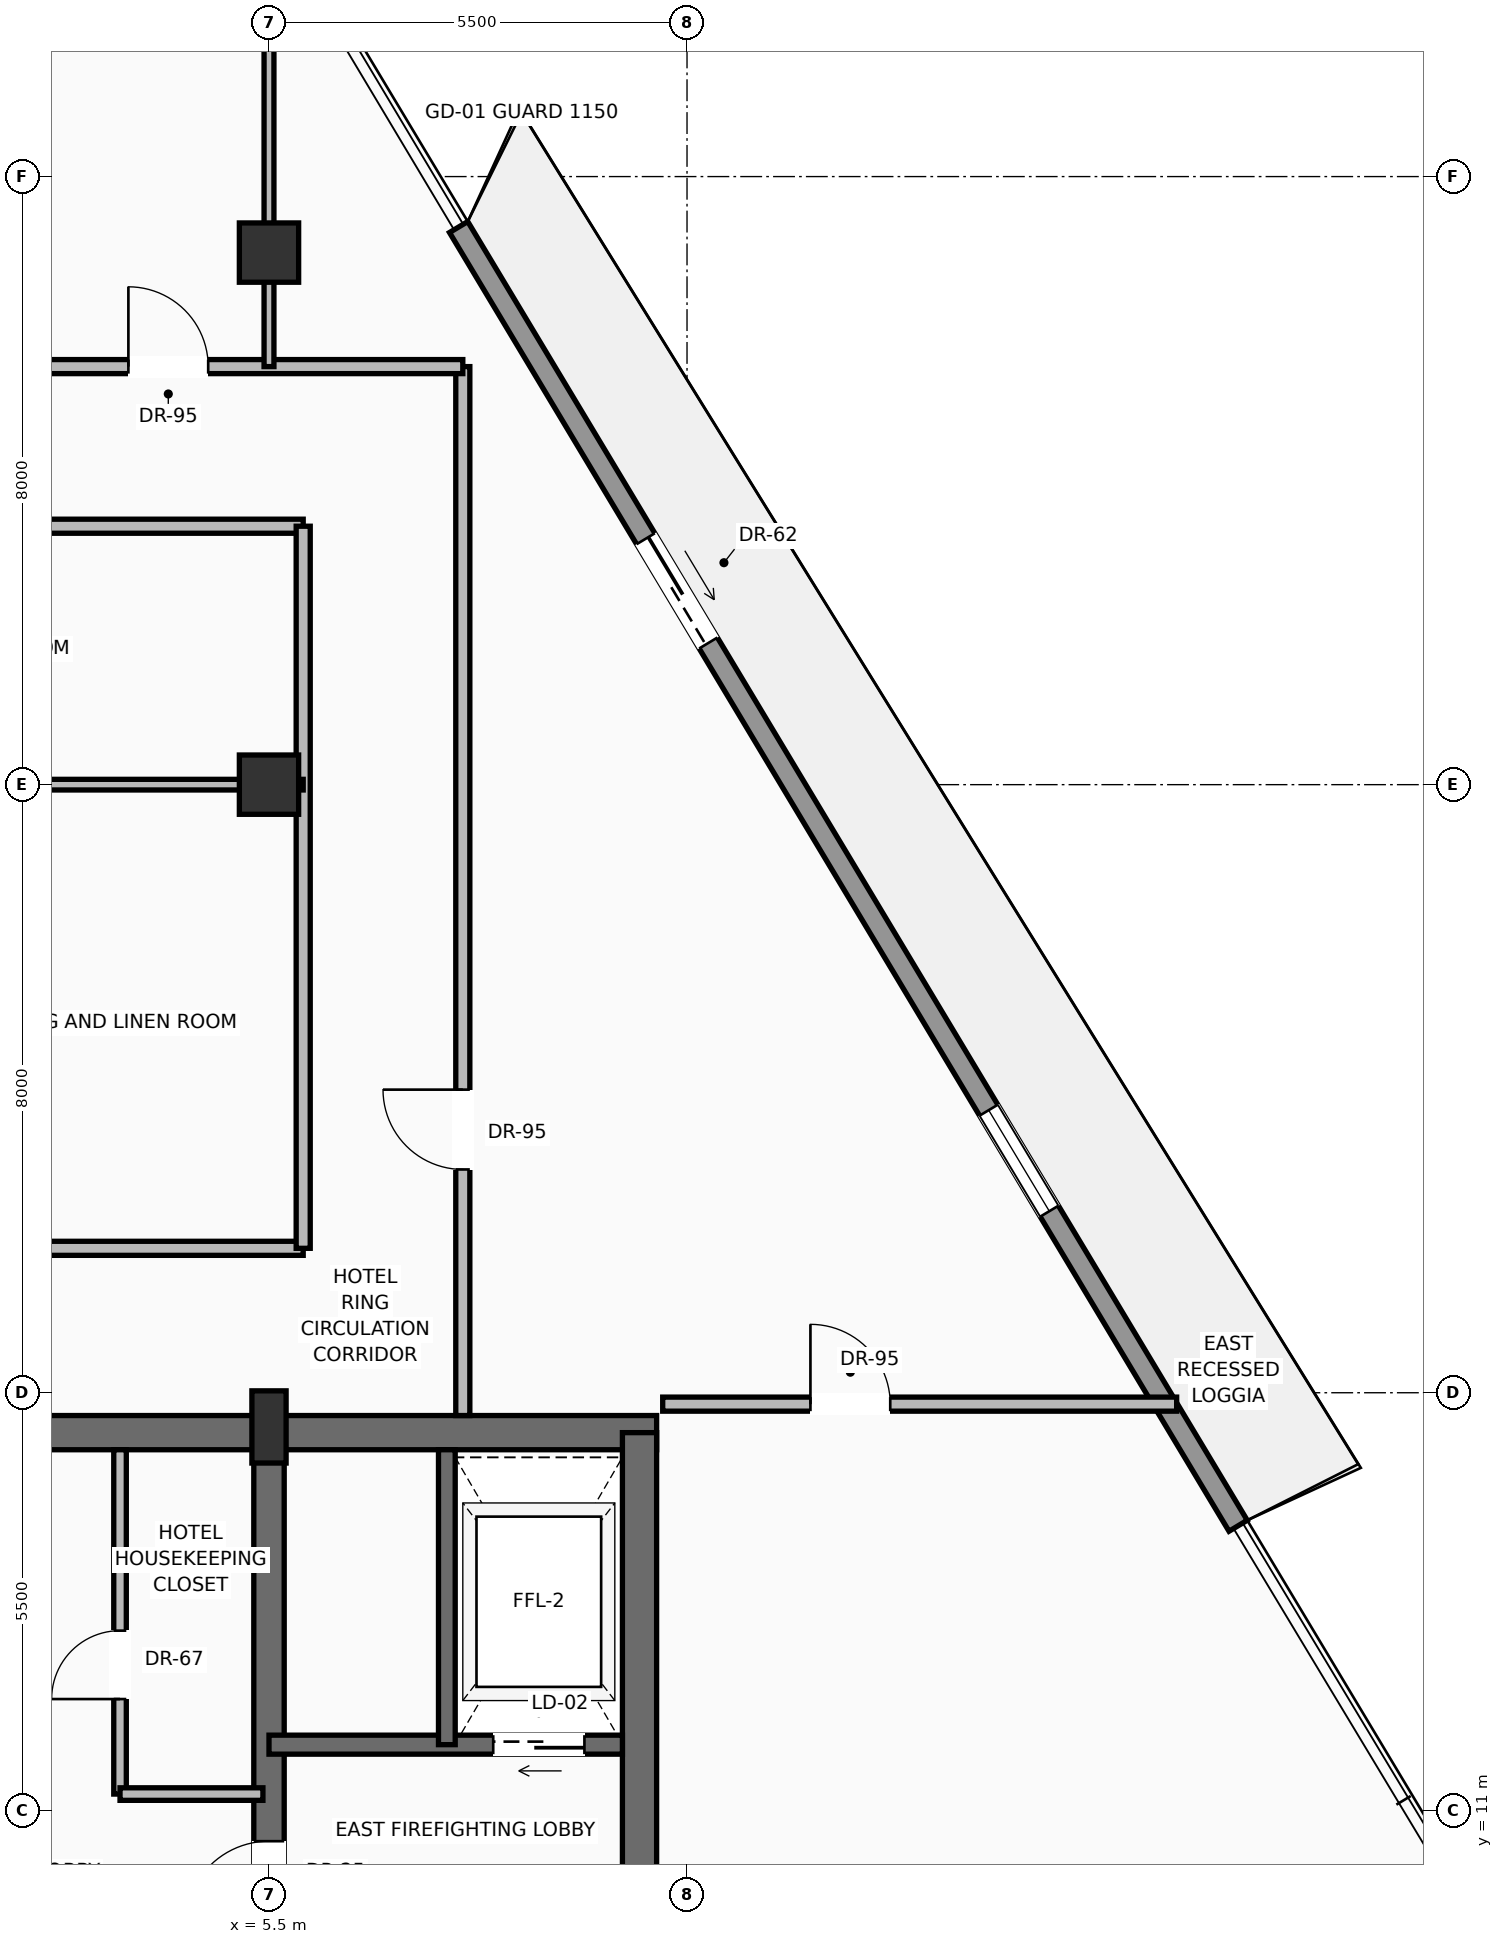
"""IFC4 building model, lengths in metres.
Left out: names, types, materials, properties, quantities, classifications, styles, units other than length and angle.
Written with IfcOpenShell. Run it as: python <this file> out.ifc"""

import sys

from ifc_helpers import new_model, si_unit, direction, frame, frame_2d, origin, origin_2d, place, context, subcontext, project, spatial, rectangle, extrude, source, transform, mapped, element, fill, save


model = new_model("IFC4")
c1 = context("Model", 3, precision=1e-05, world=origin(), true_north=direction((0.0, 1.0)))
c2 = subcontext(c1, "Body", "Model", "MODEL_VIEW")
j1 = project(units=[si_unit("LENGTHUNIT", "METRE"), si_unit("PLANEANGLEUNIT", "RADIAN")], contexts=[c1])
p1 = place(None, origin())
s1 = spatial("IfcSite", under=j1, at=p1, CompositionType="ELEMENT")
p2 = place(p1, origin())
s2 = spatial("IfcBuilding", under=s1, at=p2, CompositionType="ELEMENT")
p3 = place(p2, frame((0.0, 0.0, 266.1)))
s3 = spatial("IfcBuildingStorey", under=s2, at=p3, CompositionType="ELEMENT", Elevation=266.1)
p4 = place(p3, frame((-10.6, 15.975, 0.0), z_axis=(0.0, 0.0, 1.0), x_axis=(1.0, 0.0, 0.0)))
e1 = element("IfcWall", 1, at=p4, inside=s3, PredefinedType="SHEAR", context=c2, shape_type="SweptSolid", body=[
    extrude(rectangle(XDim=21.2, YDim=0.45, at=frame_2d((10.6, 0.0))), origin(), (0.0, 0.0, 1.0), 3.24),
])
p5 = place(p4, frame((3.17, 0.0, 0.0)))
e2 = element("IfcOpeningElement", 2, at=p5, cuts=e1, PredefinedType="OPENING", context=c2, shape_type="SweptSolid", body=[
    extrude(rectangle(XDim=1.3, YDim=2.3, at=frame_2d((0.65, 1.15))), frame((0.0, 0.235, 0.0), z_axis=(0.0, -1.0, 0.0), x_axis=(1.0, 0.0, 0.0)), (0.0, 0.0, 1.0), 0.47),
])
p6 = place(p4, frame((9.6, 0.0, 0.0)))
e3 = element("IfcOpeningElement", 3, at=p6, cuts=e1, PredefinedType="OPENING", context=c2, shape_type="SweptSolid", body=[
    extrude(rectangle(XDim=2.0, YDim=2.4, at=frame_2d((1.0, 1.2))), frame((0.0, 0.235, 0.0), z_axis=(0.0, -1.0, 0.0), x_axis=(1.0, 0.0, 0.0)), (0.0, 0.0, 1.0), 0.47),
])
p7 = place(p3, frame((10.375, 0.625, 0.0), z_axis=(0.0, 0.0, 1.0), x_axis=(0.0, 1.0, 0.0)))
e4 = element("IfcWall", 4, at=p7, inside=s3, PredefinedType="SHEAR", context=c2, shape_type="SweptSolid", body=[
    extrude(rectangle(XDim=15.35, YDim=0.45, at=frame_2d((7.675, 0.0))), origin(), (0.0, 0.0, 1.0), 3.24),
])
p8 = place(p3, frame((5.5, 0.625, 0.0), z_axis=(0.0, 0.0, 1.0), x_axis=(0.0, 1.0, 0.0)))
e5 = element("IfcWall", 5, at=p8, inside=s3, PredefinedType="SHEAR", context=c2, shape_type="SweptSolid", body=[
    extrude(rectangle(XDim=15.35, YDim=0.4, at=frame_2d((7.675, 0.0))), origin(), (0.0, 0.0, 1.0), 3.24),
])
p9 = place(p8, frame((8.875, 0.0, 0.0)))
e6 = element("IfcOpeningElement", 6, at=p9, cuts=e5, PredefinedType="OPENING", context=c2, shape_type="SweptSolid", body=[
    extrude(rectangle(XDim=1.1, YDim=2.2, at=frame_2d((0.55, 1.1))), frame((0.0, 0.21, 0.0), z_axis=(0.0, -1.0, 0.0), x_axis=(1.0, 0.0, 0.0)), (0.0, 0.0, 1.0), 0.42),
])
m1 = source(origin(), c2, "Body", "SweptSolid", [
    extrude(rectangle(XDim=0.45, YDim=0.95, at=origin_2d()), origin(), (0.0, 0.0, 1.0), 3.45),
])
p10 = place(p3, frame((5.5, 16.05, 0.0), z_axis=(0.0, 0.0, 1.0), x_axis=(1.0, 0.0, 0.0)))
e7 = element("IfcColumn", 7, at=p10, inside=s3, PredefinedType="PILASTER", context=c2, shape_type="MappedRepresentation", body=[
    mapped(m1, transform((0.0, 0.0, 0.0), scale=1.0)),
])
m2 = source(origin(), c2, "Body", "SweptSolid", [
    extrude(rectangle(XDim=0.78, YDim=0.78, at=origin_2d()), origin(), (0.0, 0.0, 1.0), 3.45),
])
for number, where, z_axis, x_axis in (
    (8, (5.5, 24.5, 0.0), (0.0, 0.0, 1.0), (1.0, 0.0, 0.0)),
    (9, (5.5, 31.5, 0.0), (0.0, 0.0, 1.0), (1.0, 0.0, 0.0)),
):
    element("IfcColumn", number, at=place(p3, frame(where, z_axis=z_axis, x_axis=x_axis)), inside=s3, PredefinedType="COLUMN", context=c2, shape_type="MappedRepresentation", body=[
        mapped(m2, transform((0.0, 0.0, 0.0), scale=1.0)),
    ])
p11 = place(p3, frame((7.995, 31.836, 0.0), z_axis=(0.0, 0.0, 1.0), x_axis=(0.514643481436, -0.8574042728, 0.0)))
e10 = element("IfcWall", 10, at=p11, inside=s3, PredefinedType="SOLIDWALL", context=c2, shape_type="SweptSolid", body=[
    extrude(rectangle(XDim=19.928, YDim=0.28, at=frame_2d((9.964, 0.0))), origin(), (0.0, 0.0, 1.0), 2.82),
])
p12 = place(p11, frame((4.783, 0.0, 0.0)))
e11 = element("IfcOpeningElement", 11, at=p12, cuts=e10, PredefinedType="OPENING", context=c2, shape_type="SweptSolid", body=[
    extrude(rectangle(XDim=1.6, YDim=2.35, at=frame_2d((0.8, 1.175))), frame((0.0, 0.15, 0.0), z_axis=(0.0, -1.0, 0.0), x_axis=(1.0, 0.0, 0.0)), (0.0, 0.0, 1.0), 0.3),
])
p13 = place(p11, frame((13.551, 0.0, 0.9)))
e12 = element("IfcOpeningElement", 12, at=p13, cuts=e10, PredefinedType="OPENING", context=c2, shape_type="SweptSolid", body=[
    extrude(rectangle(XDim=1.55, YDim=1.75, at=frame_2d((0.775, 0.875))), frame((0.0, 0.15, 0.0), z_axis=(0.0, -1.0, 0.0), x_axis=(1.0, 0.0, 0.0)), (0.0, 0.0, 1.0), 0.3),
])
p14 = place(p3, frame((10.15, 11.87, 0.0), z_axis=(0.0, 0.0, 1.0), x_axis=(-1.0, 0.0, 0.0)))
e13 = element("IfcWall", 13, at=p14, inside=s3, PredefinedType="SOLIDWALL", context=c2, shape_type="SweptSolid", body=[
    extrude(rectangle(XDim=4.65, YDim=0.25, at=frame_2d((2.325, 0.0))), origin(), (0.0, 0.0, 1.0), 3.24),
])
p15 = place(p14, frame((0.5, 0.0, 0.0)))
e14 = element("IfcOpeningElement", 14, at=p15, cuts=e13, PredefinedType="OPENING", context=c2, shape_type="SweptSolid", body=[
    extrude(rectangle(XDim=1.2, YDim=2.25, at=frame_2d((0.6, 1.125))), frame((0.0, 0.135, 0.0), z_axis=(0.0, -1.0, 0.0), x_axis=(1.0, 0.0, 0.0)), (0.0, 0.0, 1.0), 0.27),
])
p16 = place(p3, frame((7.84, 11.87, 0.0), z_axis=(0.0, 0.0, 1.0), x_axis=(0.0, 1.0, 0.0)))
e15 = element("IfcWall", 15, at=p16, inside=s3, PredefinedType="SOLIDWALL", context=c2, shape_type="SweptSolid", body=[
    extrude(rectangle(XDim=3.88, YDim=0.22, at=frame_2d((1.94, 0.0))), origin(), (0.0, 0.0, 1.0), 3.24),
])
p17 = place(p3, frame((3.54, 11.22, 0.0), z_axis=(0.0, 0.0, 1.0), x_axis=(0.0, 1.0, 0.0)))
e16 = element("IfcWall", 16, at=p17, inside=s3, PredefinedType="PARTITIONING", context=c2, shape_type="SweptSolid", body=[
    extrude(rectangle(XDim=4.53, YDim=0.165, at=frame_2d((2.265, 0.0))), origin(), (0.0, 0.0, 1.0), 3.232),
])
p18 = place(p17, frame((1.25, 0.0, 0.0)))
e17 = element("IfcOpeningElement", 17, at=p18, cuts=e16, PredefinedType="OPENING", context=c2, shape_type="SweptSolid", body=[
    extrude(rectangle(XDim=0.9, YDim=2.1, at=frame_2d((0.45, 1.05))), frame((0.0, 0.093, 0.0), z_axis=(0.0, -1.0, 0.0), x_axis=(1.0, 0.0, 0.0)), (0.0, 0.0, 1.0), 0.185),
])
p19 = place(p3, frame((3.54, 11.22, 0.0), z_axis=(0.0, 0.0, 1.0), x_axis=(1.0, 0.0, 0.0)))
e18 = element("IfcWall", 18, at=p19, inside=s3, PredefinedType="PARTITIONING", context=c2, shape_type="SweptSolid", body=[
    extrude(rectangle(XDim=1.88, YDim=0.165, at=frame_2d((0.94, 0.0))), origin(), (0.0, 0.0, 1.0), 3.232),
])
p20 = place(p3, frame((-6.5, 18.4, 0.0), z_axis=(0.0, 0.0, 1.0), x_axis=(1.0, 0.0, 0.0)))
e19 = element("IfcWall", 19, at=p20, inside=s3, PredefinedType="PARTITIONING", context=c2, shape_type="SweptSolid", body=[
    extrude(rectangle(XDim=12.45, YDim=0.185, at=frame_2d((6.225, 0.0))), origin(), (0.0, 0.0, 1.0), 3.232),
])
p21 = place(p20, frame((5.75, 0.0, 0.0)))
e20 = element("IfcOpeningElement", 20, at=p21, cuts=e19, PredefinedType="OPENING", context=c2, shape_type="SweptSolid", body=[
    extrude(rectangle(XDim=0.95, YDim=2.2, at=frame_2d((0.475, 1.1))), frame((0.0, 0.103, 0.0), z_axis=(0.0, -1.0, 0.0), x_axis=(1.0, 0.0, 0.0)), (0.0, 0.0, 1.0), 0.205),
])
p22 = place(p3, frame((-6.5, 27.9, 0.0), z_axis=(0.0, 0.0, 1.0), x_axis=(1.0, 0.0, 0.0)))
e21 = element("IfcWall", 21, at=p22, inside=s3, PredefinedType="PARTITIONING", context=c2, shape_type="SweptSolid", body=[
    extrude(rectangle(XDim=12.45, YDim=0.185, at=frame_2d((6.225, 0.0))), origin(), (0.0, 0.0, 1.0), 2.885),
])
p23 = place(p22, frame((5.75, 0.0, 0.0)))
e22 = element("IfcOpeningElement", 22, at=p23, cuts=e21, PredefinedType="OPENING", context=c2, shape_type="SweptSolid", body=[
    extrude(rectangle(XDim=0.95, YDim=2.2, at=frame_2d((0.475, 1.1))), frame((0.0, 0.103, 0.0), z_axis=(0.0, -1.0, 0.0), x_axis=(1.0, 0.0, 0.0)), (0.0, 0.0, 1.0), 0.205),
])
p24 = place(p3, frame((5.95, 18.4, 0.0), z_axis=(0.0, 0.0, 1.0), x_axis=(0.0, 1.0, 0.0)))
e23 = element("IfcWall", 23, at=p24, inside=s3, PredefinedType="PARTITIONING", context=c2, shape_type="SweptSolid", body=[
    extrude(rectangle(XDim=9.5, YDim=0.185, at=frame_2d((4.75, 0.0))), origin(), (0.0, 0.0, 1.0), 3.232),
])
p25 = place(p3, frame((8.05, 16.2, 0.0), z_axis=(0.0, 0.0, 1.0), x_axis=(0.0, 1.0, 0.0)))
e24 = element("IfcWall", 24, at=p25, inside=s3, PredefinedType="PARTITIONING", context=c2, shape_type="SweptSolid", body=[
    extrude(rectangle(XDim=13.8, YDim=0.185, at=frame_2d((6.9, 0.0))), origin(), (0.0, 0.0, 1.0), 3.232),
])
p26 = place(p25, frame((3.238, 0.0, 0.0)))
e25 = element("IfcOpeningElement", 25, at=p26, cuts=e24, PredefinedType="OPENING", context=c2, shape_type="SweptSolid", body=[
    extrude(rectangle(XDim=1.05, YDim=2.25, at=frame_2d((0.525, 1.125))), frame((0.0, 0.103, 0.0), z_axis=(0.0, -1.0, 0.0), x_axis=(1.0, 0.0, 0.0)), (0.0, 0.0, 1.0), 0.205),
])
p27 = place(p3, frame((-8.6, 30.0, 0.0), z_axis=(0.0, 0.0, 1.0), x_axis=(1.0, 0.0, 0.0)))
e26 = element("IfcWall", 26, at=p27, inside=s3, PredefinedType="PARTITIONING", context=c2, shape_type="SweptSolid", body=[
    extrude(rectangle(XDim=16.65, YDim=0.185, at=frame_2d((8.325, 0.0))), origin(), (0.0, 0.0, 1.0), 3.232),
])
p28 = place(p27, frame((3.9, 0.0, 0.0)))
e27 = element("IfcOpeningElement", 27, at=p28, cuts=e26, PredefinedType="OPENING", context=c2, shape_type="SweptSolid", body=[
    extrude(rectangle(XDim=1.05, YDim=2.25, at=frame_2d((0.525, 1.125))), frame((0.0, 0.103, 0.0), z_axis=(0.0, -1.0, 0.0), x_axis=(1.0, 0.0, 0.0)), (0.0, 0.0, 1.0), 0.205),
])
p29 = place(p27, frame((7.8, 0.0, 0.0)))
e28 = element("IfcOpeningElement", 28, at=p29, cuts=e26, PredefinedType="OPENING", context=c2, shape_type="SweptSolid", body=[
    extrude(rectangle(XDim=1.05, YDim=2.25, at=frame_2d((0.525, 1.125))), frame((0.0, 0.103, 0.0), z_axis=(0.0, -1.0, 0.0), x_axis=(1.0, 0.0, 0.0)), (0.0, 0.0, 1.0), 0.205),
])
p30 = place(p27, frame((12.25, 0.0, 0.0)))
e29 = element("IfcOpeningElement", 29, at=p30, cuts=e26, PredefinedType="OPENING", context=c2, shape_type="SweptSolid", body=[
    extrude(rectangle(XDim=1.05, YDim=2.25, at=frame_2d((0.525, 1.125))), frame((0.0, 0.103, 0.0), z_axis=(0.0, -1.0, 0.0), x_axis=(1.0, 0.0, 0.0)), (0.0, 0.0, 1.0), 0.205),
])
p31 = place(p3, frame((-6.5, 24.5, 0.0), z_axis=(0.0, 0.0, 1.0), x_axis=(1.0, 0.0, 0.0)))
__________________________________________________
● ABOUT THIS TASK
Note each line of the material holding "scale" and copy it out.

● ANSWER BOX
    mapped(m1, transform((0.0, 0.0, 0.0), scale=1.0)),
        mapped(m2, transform((0.0, 0.0, 0.0), scale=1.0)),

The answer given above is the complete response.